## EXERCISE
Sort through the listing below and keep each line with the word "CompositionType". Copy those.

## MATERIAL TO PROCESS
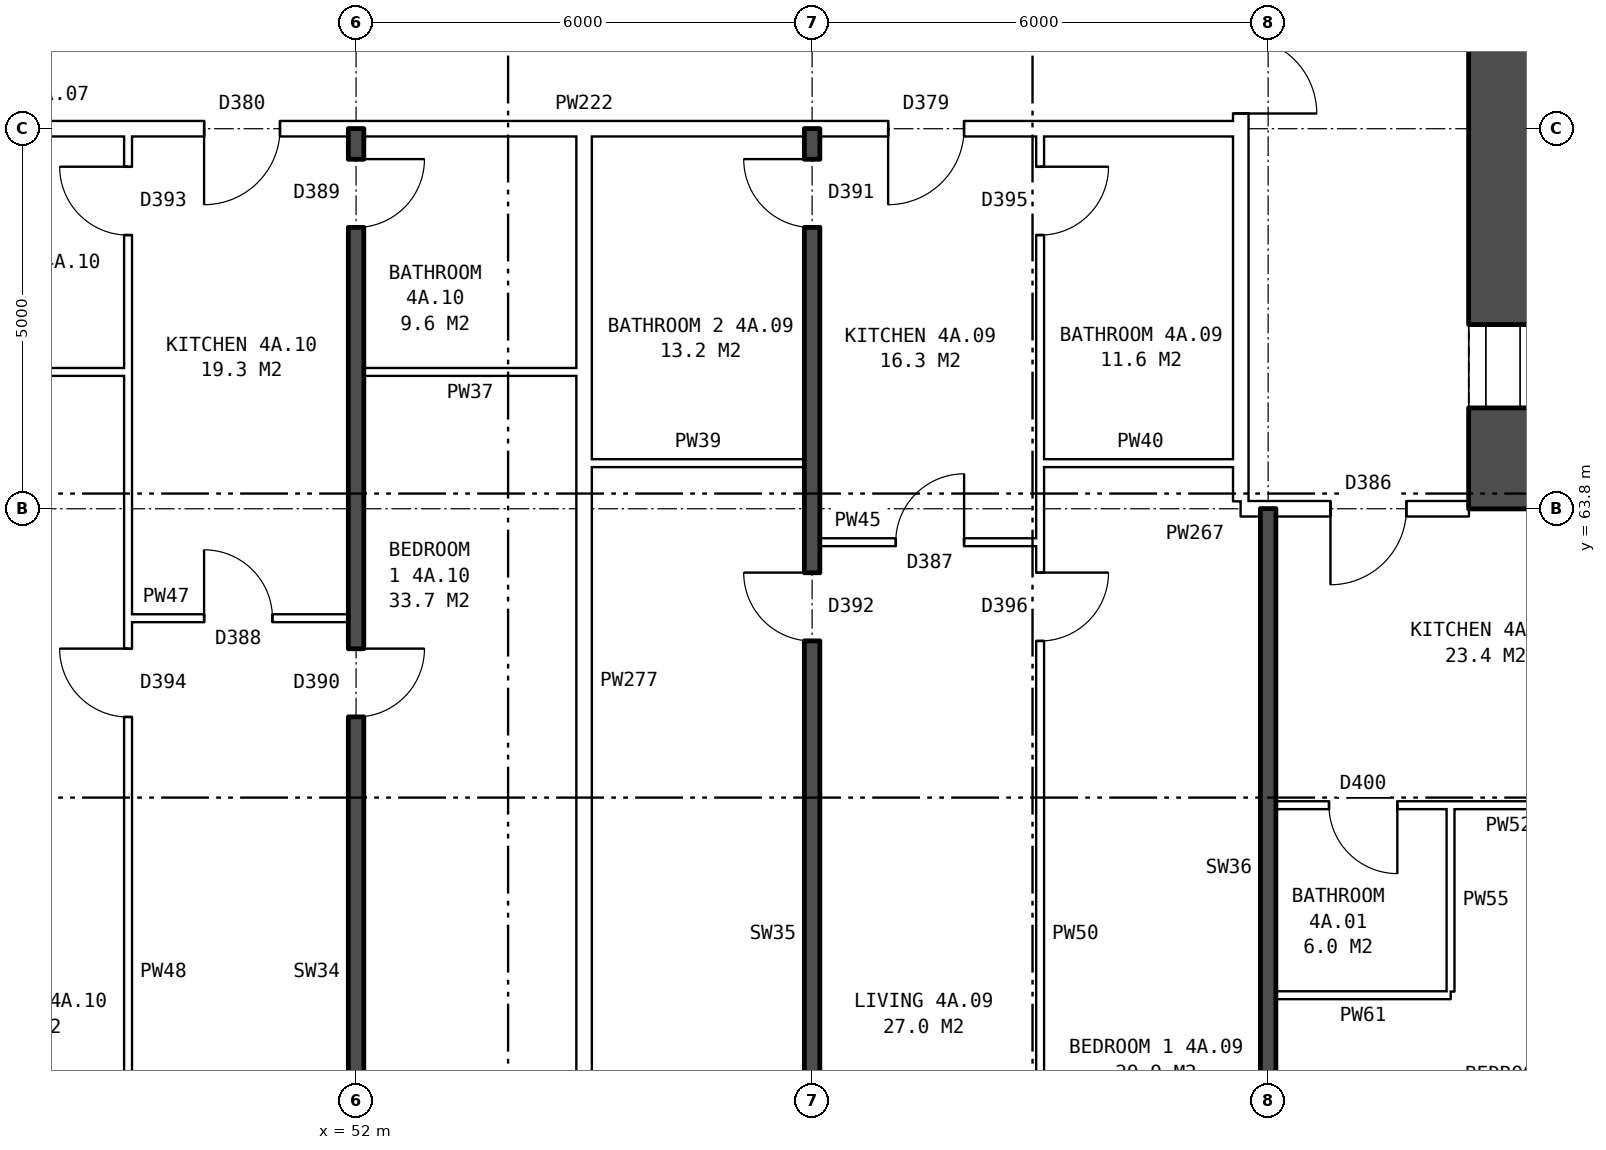
"""IFC4 building model, lengths in metres.
Left out: names, types, materials, properties, quantities, classifications, styles, units other than length and angle.
Written with IfcOpenShell. Run it as: python <this file> out.ifc"""

import sys

from ifc_helpers import new_model, si_unit, direction, frame, frame_2d, origin, place, context, subcontext, project, spatial, rectangle, extrude, element, fill, save


model = new_model("IFC4")
c1 = context("Model", 3, precision=1e-05, world=origin(), true_north=direction((0.0, 1.0)))
c2 = subcontext(c1, "Body", "Model", "MODEL_VIEW")
j1 = project(units=[si_unit("LENGTHUNIT", "METRE"), si_unit("PLANEANGLEUNIT", "RADIAN")], contexts=[c1])
p1 = place(None, origin())
s1 = spatial("IfcSite", under=j1, at=p1, CompositionType="ELEMENT")
p2 = place(p1, origin())
s2 = spatial("IfcBuilding", under=s1, at=p2, CompositionType="ELEMENT")
p3 = place(p2, frame((0.0, 0.0, 19.5)))
s3 = spatial("IfcBuildingStorey", under=s2, at=p3, CompositionType="ELEMENT", Elevation=19.5)
p4 = place(p3, frame((67.09, 64.7, 0.0), z_axis=(0.0, 0.0, 1.0), x_axis=(0.0, 1.0, 0.0)))
e1 = element("IfcWall", 1, at=p4, inside=s3, PredefinedType="SHEAR", context=c2, shape_type="SweptSolid", body=[
    extrude(rectangle(XDim=10.6, YDim=0.9, at=frame_2d((5.3, 0.0))), origin(), (0.0, 0.0, 1.0), 2.85),
])
p5 = place(p4, frame((0.425, 0.0, 0.0)))
e2 = element("IfcOpeningElement", 2, at=p5, cuts=e1, PredefinedType="OPENING", context=c2, shape_type="SweptSolid", body=[
    extrude(rectangle(XDim=1.1, YDim=2.1, at=frame_2d((0.55, 1.05))), frame((0.0, 0.46, 0.0), z_axis=(0.0, -1.0, 0.0), x_axis=(1.0, 0.0, 0.0)), (0.0, 0.0, 1.0), 0.92),
])
p6 = place(p4, frame((9.0, 0.0, 0.0)))
e3 = element("IfcOpeningElement", 3, at=p6, cuts=e1, PredefinedType="OPENING", context=c2, shape_type="SweptSolid", body=[
    extrude(rectangle(XDim=1.1, YDim=2.1, at=frame_2d((0.55, 1.05))), frame((0.0, 0.46, 0.0), z_axis=(0.0, -1.0, 0.0), x_axis=(1.0, 0.0, 0.0)), (0.0, 0.0, 1.0), 0.92),
])
p7 = place(p3, frame((66.64, 64.25, 0.0), z_axis=(0.0, 0.0, 1.0), x_axis=(1.0, 0.0, 0.0)))
e4 = element("IfcWall", 4, at=p7, inside=s3, PredefinedType="SHEAR", context=c2, shape_type="SweptSolid", body=[
    extrude(rectangle(XDim=9.0, YDim=0.9, at=frame_2d((4.5, 0.0))), origin(), (0.0, 0.0, 1.0), 2.85),
])
p8 = place(p3, frame((63.64, 63.9, 0.0), z_axis=(0.0, 0.0, 1.0), x_axis=(0.0, 1.0, 0.0)))
e5 = element("IfcWall", 5, at=p8, inside=s3, PredefinedType="PARTITIONING", context=c2, shape_type="SweptSolid", body=[
    extrude(rectangle(XDim=12.2, YDim=0.2, at=frame_2d((6.1, 0.0))), origin(), (0.0, 0.0, 1.0), 2.85),
])
p9 = place(p8, frame((5.1, 0.0, 0.0)))
e6 = element("IfcOpeningElement", 6, at=p9, cuts=e5, PredefinedType="OPENING", context=c2, shape_type="SweptSolid", body=[
    extrude(rectangle(XDim=2.0, YDim=2.1, at=frame_2d((1.0, 1.05))), frame((0.0, 0.11, 0.0), z_axis=(0.0, -1.0, 0.0), x_axis=(1.0, 0.0, 0.0)), (0.0, 0.0, 1.0), 0.22),
])
p10 = place(p3, frame((64.1, 57.4, 0.0), z_axis=(0.0, 0.0, 1.0), x_axis=(1.0, 0.0, 0.0)))
e7 = element("IfcWall", 7, at=p10, inside=s3, PredefinedType="PARTITIONING", context=c2, shape_type="SweptSolid", body=[
    extrude(rectangle(XDim=2.3, YDim=0.1, at=frame_2d((1.15, 0.0))), origin(), (0.0, 0.0, 1.0), 2.85),
])
p11 = place(p3, frame((64.1, 59.9, 0.0), z_axis=(0.0, 0.0, 1.0), x_axis=(1.0, 0.0, 0.0)))
e8 = element("IfcWall", 8, at=p11, inside=s3, PredefinedType="PARTITIONING", context=c2, shape_type="SweptSolid", body=[
    extrude(rectangle(XDim=5.8, YDim=0.1, at=frame_2d((2.9, 0.0))), origin(), (0.0, 0.0, 1.0), 2.85),
])
p12 = place(p11, frame((3.6, 0.0, 0.0)))
e9 = element("IfcOpeningElement", 9, at=p12, cuts=e8, PredefinedType="OPENING", context=c2, shape_type="SweptSolid", body=[
    extrude(rectangle(XDim=0.9, YDim=2.1, at=frame_2d((0.45, 1.05))), frame((0.0, 0.06, 0.0), z_axis=(0.0, -1.0, 0.0), x_axis=(1.0, 0.0, 0.0)), (0.0, 0.0, 1.0), 0.12),
])
p13 = place(p11, frame((0.7, 0.0, 0.0)))
e10 = element("IfcOpeningElement", 10, at=p13, cuts=e8, PredefinedType="OPENING", context=c2, shape_type="SweptSolid", body=[
    extrude(rectangle(XDim=0.9, YDim=2.1, at=frame_2d((0.45, 1.05))), frame((0.0, 0.06, 0.0), z_axis=(0.0, -1.0, 0.0), x_axis=(1.0, 0.0, 0.0)), (0.0, 0.0, 1.0), 0.12),
])
p14 = place(p3, frame((49.0, 62.36, 0.0), z_axis=(0.0, 0.0, 1.0), x_axis=(1.0, 0.0, 0.0)))
e11 = element("IfcWall", 11, at=p14, inside=s3, PredefinedType="PARTITIONING", context=c2, shape_type="SweptSolid", body=[
    extrude(rectangle(XDim=2.9, YDim=0.1, at=frame_2d((1.45, 0.0))), origin(), (0.0, 0.0, 1.0), 2.85),
])
p15 = place(p14, frame((1.0, 0.0, 0.0)))
e12 = element("IfcOpeningElement", 12, at=p15, cuts=e11, PredefinedType="OPENING", context=c2, shape_type="SweptSolid", body=[
    extrude(rectangle(XDim=0.9, YDim=2.1, at=frame_2d((0.45, 1.05))), frame((0.0, 0.06, 0.0), z_axis=(0.0, -1.0, 0.0), x_axis=(1.0, 0.0, 0.0)), (0.0, 0.0, 1.0), 0.12),
])
p16 = place(p3, frame((58.1, 63.36, 0.0), z_axis=(0.0, 0.0, 1.0), x_axis=(1.0, 0.0, 0.0)))
e13 = element("IfcWall", 13, at=p16, inside=s3, PredefinedType="PARTITIONING", context=c2, shape_type="SweptSolid", body=[
    extrude(rectangle(XDim=2.9, YDim=0.1, at=frame_2d((1.45, 0.0))), origin(), (0.0, 0.0, 1.0), 2.85),
])
p17 = place(p16, frame((1.0, 0.0, 0.0)))
e14 = element("IfcOpeningElement", 14, at=p17, cuts=e13, PredefinedType="OPENING", context=c2, shape_type="SweptSolid", body=[
    extrude(rectangle(XDim=0.9, YDim=2.1, at=frame_2d((0.45, 1.05))), frame((0.0, 0.06, 0.0), z_axis=(0.0, -1.0, 0.0), x_axis=(1.0, 0.0, 0.0)), (0.0, 0.0, 1.0), 0.12),
])
p18 = place(p3, frame((63.64, 63.8, 0.0), z_axis=(0.0, 0.0, 1.0), x_axis=(1.0, 0.0, 0.0)))
e15 = element("IfcWall", 15, at=p18, inside=s3, PredefinedType="PARTITIONING", context=c2, shape_type="SweptSolid", body=[
    extrude(rectangle(XDim=3.0, YDim=0.2, at=frame_2d((1.5, 0.0))), origin(), (0.0, 0.0, 1.0), 2.85),
])
p19 = place(p18, frame((1.18, 0.0, 0.0)))
e16 = element("IfcOpeningElement", 16, at=p19, cuts=e15, PredefinedType="OPENING", context=c2, shape_type="SweptSolid", body=[
    extrude(rectangle(XDim=1.0, YDim=2.1, at=frame_2d((0.5, 1.05))), frame((0.0, 0.11, 0.0), z_axis=(0.0, -1.0, 0.0), x_axis=(1.0, 0.0, 0.0)), (0.0, 0.0, 1.0), 0.22),
])
p20 = place(p3, frame((55.1, 64.4, 0.0), z_axis=(0.0, 0.0, 1.0), x_axis=(1.0, 0.0, 0.0)))
e17 = element("IfcWall", 17, at=p20, inside=s3, PredefinedType="PARTITIONING", context=c2, shape_type="SweptSolid", body=[
    extrude(rectangle(XDim=2.8, YDim=0.1, at=frame_2d((1.4, 0.0))), origin(), (0.0, 0.0, 1.0), 2.85),
])
p21 = place(p3, frame((61.0, 64.4, 0.0), z_axis=(0.0, 0.0, 1.0), x_axis=(1.0, 0.0, 0.0)))
e18 = element("IfcWall", 18, at=p21, inside=s3, PredefinedType="PARTITIONING", context=c2, shape_type="SweptSolid", body=[
    extrude(rectangle(XDim=2.64, YDim=0.1, at=frame_2d((1.32, 0.0))), origin(), (0.0, 0.0, 1.0), 2.85),
])
p22 = place(p3, frame((46.1, 65.6, 0.0), z_axis=(0.0, 0.0, 1.0), x_axis=(1.0, 0.0, 0.0)))
e19 = element("IfcWall", 19, at=p22, inside=s3, PredefinedType="PARTITIONING", context=c2, shape_type="SweptSolid", body=[
    extrude(rectangle(XDim=2.9, YDim=0.1, at=frame_2d((1.45, 0.0))), origin(), (0.0, 0.0, 1.0), 2.85),
])
p23 = place(p3, frame((52.1, 65.6, 0.0), z_axis=(0.0, 0.0, 1.0), x_axis=(1.0, 0.0, 0.0)))
e20 = element("IfcWall", 20, at=p23, inside=s3, PredefinedType="PARTITIONING", context=c2, shape_type="SweptSolid", body=[
    extrude(rectangle(XDim=2.8, YDim=0.1, at=frame_2d((1.4, 0.0))), origin(), (0.0, 0.0, 1.0), 2.85),
])
p24 = place(p3, frame((44.36, 68.8, 0.0), z_axis=(0.0, 0.0, 1.0), x_axis=(1.0, 0.0, 0.0)))
e21 = element("IfcWall", 21, at=p24, inside=s3, PredefinedType="PARTITIONING", context=c2, shape_type="SweptSolid", body=[
    extrude(rectangle(XDim=19.28, YDim=0.2, at=frame_2d((9.64, 0.0))), origin(), (0.0, 0.0, 1.0), 2.85),
])
p25 = place(p24, frame((14.64, 0.0, 0.0)))
e22 = element("IfcOpeningElement", 22, at=p25, cuts=e21, PredefinedType="OPENING", context=c2, shape_type="SweptSolid", body=[
    extrude(rectangle(XDim=1.0, YDim=2.1, at=frame_2d((0.5, 1.05))), frame((0.0, 0.11, 0.0), z_axis=(0.0, -1.0, 0.0), x_axis=(1.0, 0.0, 0.0)), (0.0, 0.0, 1.0), 0.22),
])
p26 = place(p24, frame((5.64, 0.0, 0.0)))
e23 = element("IfcOpeningElement", 23, at=p26, cuts=e21, PredefinedType="OPENING", context=c2, shape_type="SweptSolid", body=[
    extrude(rectangle(XDim=1.0, YDim=2.1, at=frame_2d((0.5, 1.05))), frame((0.0, 0.11, 0.0), z_axis=(0.0, -1.0, 0.0), x_axis=(1.0, 0.0, 0.0)), (0.0, 0.0, 1.0), 0.22),
])
p27 = place(p3, frame((49.0, 54.36, 0.0), z_axis=(0.0, 0.0, 1.0), x_axis=(0.0, 1.0, 0.0)))
e24 = element("IfcWall", 24, at=p27, inside=s3, PredefinedType="PARTITIONING", context=c2, shape_type="SweptSolid", body=[
    extrude(rectangle(XDim=14.34, YDim=0.1, at=frame_2d((7.17, 0.0))), origin(), (0.0, 0.0, 1.0), 2.85),
])
p28 = place(p27, frame((6.7, 0.0, 0.0)))
e25 = element("IfcOpeningElement", 25, at=p28, cuts=e24, PredefinedType="OPENING", context=c2, shape_type="SweptSolid", body=[
    extrude(rectangle(XDim=0.9, YDim=2.1, at=frame_2d((0.45, 1.05))), frame((0.0, 0.06, 0.0), z_axis=(0.0, -1.0, 0.0), x_axis=(1.0, 0.0, 0.0)), (0.0, 0.0, 1.0), 0.12),
])
p29 = place(p27, frame((13.04, 0.0, 0.0)))
e26 = element("IfcOpeningElement", 26, at=p29, cuts=e24, PredefinedType="OPENING", context=c2, shape_type="SweptSolid", body=[
    extrude(rectangle(XDim=0.9, YDim=2.1, at=frame_2d((0.45, 1.05))), frame((0.0, 0.06, 0.0), z_axis=(0.0, -1.0, 0.0), x_axis=(1.0, 0.0, 0.0)), (0.0, 0.0, 1.0), 0.12),
])
p30 = place(p3, frame((52.0, 54.36, 0.0), z_axis=(0.0, 0.0, 1.0), x_axis=(0.0, 1.0, 0.0)))
e27 = element("IfcWall", 27, at=p30, inside=s3, PredefinedType="SOLIDWALL", context=c2, shape_type="SweptSolid", body=[
    extrude(rectangle(XDim=14.44, YDim=0.2, at=frame_2d((7.22, 0.0))), origin(), (0.0, 0.0, 1.0), 2.85),
])
p31 = place(p30, frame((6.7, 0.0, 0.0)))
e28 = element("IfcOpeningElement", 28, at=p31, cuts=e27, PredefinedType="OPENING", context=c2, shape_type="SweptSolid", body=[
    extrude(rectangle(XDim=0.9, YDim=2.1, at=frame_2d((0.45, 1.05))), frame((0.0, 0.11, 0.0), z_axis=(0.0, -1.0, 0.0), x_axis=(1.0, 0.0, 0.0)), (0.0, 0.0, 1.0), 0.22),
])
p32 = place(p30, frame((13.14, 0.0, 0.0)))
e29 = element("IfcOpeningElement", 29, at=p32, cuts=e27, PredefinedType="OPENING", context=c2, shape_type="SweptSolid", body=[
    extrude(rectangle(XDim=0.9, YDim=2.1, at=frame_2d((0.45, 1.05))), frame((0.0, 0.11, 0.0), z_axis=(0.0, -1.0, 0.0), x_axis=(1.0, 0.0, 0.0)), (0.0, 0.0, 1.0), 0.22),
])
p33 = place(p3, frame((55.0, 54.36, 0.0), z_axis=(0.0, 0.0, 1.0), x_axis=(0.0, 1.0, 0.0)))
e30 = element("IfcWall", 30, at=p33, inside=s3, PredefinedType="PARTITIONING", context=c2, shape_type="SweptSolid", body=[
    extrude(rectangle(XDim=14.34, YDim=0.2, at=frame_2d((7.17, 0.0))), origin(), (0.0, 0.0, 1.0), 2.85),
])
p34 = place(p3, frame((58.0, 54.36, 0.0), z_axis=(0.0, 0.0, 1.0), x_axis=(0.0, 1.0, 0.0)))
e31 = element("IfcWall", 31, at=p34, inside=s3, PredefinedType="SOLIDWALL", context=c2, shape_type="SweptSolid", body=[
    extrude(rectangle(XDim=14.44, YDim=0.2, at=frame_2d((7.22, 0.0))), origin(), (0.0, 0.0, 1.0), 2.85),
])
p35 = place(p34, frame((7.7, 0.0, 0.0)))
e32 = element("IfcOpeningElement", 32, at=p35, cuts=e31, PredefinedType="OPENING", context=c2, shape_type="SweptSolid", body=[
    extrude(rectangle(XDim=0.9, YDim=2.1, at=frame_2d((0.45, 1.05))), frame((0.0, 0.11, 0.0), z_axis=(0.0, -1.0, 0.0), x_axis=(1.0, 0.0, 0.0)), (0.0, 0.0, 1.0), 0.22),
])
p36 = place(p34, frame((13.14, 0.0, 0.0)))
e33 = element("IfcOpeningElement", 33, at=p36, cuts=e31, PredefinedType="OPENING", context=c2, shape_type="SweptSolid", body=[
    extrude(rectangle(XDim=0.9, YDim=2.1, at=frame_2d((0.45, 1.05))), frame((0.0, 0.11, 0.0), z_axis=(0.0, -1.0, 0.0), x_axis=(1.0, 0.0, 0.0)), (0.0, 0.0, 1.0), 0.22),
])
p37 = place(p3, frame((61.0, 54.36, 0.0), z_axis=(0.0, 0.0, 1.0), x_axis=(0.0, 1.0, 0.0)))
e34 = element("IfcWall", 34, at=p37, inside=s3, PredefinedType="PARTITIONING", context=c2, shape_type="SweptSolid", body=[
    extrude(rectangle(XDim=14.34, YDim=0.1, at=frame_2d((7.17, 0.0))), origin(), (0.0, 0.0, 1.0), 2.85),
])
p38 = place(p37, frame((7.7, 0.0, 0.0)))
e35 = element("IfcOpeningElement", 35, at=p38, cuts=e34, PredefinedType="OPENING", context=c2, shape_type="SweptSolid", body=[
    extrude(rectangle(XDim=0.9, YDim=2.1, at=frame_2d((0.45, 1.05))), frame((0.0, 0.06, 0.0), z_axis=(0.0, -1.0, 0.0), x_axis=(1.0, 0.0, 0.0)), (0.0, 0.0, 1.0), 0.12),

## FINISHED TASK
s1 = spatial("IfcSite", under=j1, at=p1, CompositionType="ELEMENT")
s2 = spatial("IfcBuilding", under=s1, at=p2, CompositionType="ELEMENT")
s3 = spatial("IfcBuildingStorey", under=s2, at=p3, CompositionType="ELEMENT", Elevation=19.5)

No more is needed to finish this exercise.